• **Data shown**:
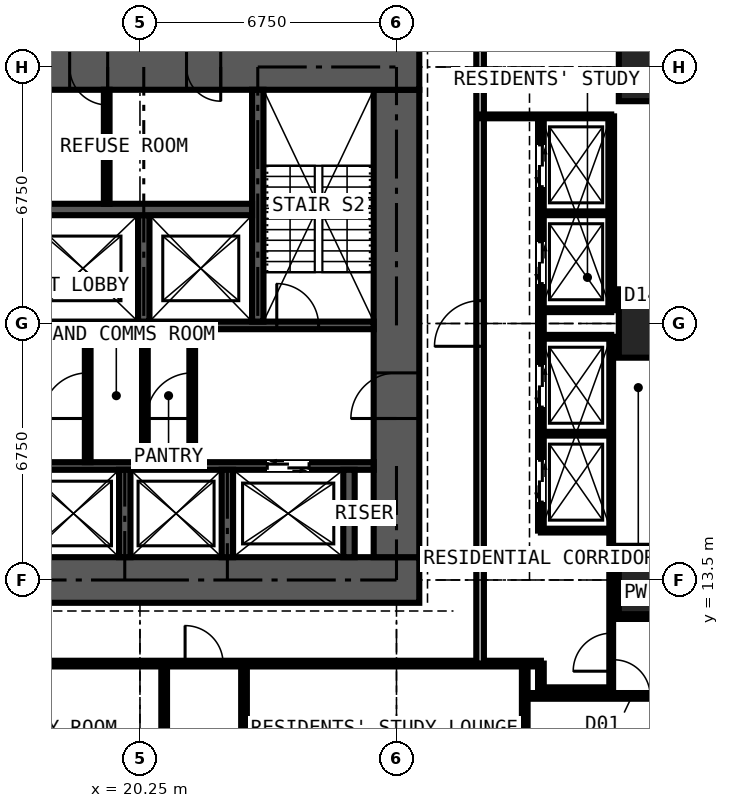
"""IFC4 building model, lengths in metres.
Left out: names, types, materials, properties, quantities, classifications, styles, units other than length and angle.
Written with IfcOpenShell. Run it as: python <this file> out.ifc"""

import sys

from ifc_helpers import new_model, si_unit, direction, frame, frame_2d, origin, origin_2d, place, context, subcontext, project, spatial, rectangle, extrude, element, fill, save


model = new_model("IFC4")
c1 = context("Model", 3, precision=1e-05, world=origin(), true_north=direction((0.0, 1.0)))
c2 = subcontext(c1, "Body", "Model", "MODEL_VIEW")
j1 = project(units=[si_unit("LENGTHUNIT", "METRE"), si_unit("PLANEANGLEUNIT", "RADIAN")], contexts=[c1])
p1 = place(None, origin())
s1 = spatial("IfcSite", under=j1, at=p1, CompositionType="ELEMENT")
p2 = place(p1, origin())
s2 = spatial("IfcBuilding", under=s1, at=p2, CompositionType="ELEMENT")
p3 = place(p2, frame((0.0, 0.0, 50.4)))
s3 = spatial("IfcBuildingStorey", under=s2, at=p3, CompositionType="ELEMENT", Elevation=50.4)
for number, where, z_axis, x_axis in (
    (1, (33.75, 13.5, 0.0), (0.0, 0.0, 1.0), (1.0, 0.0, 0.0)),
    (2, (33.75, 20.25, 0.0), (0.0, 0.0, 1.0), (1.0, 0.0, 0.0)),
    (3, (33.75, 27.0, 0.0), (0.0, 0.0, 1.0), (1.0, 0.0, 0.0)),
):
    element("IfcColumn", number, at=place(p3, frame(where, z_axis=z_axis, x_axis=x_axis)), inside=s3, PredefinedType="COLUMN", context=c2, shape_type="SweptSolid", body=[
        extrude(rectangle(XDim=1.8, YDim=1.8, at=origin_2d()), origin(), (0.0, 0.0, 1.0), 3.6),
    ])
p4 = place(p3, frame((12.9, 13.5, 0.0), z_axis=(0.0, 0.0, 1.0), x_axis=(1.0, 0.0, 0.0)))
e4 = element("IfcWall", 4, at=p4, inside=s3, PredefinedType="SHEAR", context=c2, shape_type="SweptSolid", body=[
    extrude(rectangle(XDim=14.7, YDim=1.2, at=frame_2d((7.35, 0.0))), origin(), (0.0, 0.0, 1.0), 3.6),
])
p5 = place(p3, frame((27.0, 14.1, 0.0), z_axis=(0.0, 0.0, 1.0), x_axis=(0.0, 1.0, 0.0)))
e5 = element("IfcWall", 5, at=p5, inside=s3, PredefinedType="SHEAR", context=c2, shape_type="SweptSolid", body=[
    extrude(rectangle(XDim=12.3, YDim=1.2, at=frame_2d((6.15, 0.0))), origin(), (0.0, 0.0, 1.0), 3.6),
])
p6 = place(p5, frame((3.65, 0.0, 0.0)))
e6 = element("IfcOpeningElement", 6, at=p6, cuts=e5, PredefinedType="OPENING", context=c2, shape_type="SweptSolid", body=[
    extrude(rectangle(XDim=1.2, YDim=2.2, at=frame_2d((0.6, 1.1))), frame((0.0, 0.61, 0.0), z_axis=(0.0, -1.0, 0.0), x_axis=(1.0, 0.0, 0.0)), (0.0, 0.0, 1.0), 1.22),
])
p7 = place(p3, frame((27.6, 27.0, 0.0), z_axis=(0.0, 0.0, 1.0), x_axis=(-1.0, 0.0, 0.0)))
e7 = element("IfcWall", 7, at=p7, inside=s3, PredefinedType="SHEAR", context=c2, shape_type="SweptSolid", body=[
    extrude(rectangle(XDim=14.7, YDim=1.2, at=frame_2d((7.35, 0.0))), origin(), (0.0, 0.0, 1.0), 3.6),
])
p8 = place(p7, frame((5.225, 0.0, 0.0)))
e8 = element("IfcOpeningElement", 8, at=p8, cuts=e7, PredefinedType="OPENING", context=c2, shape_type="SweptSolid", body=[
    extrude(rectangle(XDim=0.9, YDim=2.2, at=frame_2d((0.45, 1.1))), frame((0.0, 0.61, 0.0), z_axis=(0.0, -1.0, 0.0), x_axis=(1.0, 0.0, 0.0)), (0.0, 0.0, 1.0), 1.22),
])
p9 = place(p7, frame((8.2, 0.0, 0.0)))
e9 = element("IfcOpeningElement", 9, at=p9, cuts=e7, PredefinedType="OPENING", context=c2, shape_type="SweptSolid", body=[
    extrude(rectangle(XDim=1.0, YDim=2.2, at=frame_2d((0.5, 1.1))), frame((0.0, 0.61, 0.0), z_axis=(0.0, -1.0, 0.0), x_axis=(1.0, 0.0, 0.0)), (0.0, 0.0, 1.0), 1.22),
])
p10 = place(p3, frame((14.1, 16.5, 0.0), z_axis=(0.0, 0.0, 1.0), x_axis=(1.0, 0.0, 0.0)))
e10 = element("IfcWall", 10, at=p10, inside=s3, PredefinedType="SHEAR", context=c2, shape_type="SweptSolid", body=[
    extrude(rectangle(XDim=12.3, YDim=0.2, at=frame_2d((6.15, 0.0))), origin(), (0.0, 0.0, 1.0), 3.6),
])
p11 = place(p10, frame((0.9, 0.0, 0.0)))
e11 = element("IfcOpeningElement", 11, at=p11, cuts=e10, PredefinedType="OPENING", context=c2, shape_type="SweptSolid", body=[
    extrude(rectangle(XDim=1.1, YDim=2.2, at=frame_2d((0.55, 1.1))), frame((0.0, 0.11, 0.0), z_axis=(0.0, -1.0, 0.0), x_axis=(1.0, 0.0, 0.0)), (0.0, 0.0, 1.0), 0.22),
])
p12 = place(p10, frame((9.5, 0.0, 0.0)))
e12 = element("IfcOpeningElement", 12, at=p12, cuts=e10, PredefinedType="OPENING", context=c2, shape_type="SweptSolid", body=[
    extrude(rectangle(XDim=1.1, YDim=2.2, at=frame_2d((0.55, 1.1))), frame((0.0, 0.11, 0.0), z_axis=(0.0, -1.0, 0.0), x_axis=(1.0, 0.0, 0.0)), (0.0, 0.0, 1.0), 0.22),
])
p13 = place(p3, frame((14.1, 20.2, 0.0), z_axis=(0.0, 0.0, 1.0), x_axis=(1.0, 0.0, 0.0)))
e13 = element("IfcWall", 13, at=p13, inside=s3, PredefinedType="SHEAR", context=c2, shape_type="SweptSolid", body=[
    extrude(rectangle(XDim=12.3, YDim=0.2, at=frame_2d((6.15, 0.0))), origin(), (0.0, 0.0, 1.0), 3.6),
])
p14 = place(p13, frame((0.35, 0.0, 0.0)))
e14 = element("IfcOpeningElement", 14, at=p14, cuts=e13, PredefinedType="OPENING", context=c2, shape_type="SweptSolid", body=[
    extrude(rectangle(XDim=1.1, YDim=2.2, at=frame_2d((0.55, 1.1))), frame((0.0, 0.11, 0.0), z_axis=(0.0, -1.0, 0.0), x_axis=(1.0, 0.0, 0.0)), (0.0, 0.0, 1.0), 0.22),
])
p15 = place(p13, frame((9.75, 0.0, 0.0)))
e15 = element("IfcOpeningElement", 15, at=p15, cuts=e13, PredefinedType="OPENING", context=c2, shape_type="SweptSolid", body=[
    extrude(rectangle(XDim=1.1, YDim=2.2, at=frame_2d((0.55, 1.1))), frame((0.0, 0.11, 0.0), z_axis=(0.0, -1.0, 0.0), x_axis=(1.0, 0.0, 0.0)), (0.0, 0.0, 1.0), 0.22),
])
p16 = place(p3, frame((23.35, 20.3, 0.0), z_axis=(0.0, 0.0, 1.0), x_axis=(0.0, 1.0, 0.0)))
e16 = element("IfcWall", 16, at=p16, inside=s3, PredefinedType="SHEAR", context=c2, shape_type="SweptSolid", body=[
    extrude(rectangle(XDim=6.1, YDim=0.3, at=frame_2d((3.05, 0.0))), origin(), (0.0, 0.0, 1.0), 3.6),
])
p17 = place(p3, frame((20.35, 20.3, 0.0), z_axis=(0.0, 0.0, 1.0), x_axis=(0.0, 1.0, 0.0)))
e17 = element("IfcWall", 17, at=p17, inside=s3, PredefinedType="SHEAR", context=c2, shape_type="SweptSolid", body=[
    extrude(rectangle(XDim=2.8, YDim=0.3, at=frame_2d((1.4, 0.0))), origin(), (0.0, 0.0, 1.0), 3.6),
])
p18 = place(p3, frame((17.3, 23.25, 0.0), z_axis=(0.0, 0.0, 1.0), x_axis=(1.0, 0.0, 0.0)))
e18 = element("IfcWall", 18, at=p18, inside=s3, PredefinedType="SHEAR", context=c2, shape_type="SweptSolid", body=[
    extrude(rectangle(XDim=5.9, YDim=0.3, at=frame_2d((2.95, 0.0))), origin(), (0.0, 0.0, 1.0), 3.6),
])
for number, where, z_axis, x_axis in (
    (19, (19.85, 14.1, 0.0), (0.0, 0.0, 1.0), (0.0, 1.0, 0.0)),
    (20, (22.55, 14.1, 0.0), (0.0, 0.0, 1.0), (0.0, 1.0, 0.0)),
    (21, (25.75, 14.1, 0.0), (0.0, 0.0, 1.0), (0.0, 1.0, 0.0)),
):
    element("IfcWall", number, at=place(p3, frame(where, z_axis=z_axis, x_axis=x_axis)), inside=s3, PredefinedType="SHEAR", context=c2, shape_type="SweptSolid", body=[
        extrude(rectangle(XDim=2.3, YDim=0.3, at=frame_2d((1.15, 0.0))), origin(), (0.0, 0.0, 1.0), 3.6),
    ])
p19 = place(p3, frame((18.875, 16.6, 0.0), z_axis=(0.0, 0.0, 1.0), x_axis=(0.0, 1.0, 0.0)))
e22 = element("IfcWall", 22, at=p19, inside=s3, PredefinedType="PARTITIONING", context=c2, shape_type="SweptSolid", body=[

• **Exercise directions**:
Every line above carrying the word "units" needs to be shown.

• **Answer space**:
Left out: names, types, materials, properties, quantities, classifications, styles, units other than length and angle.
j1 = project(units=[si_unit("LENGTHUNIT", "METRE"), si_unit("PLANEANGLEUNIT", "RADIAN")], contexts=[c1])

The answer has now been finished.